Problem:
The entries that follow need to be retyped verbatim.

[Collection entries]
--------------------------------------------------
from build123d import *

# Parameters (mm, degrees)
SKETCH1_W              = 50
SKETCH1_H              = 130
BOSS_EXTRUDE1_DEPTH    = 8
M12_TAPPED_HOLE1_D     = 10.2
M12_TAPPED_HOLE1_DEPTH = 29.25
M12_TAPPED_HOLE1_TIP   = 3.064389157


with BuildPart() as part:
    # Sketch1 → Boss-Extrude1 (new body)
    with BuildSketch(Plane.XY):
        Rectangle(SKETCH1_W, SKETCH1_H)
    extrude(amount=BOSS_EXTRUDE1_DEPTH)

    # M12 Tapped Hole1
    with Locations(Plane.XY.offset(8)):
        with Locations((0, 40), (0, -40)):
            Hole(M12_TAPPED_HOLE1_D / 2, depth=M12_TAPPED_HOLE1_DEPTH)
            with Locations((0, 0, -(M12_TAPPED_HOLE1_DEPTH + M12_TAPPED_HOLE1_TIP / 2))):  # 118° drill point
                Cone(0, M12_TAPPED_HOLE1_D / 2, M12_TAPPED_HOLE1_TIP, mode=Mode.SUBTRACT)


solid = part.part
--------------------------------------------------
Response:
from build123d import *

# Parameters (mm, degrees)
SKETCH1_W              = 50
SKETCH1_H              = 130
BOSS_EXTRUDE1_DEPTH    = 8
M12_TAPPED_HOLE1_D     = 10.2
M12_TAPPED_HOLE1_DEPTH = 29.25
M12_TAPPED_HOLE1_TIP   = 3.064389157


with BuildPart() as part:
    # Sketch1 → Boss-Extrude1 (new body)
    with BuildSketch(Plane.XY):
        Rectangle(SKETCH1_W, SKETCH1_H)
    extrude(amount=BOSS_EXTRUDE1_DEPTH)

    # M12 Tapped Hole1
    with Locations(Plane.XY.offset(8)):
        with Locations((0, 40), (0, -40)):
            Hole(M12_TAPPED_HOLE1_D / 2, depth=M12_TAPPED_HOLE1_DEPTH)
            with Locations((0, 0, -(M12_TAPPED_HOLE1_DEPTH + M12_TAPPED_HOLE1_TIP / 2))):  # 118° drill point
                Cone(0, M12_TAPPED_HOLE1_D / 2, M12_TAPPED_HOLE1_TIP, mode=Mode.SUBTRACT)


solid = part.part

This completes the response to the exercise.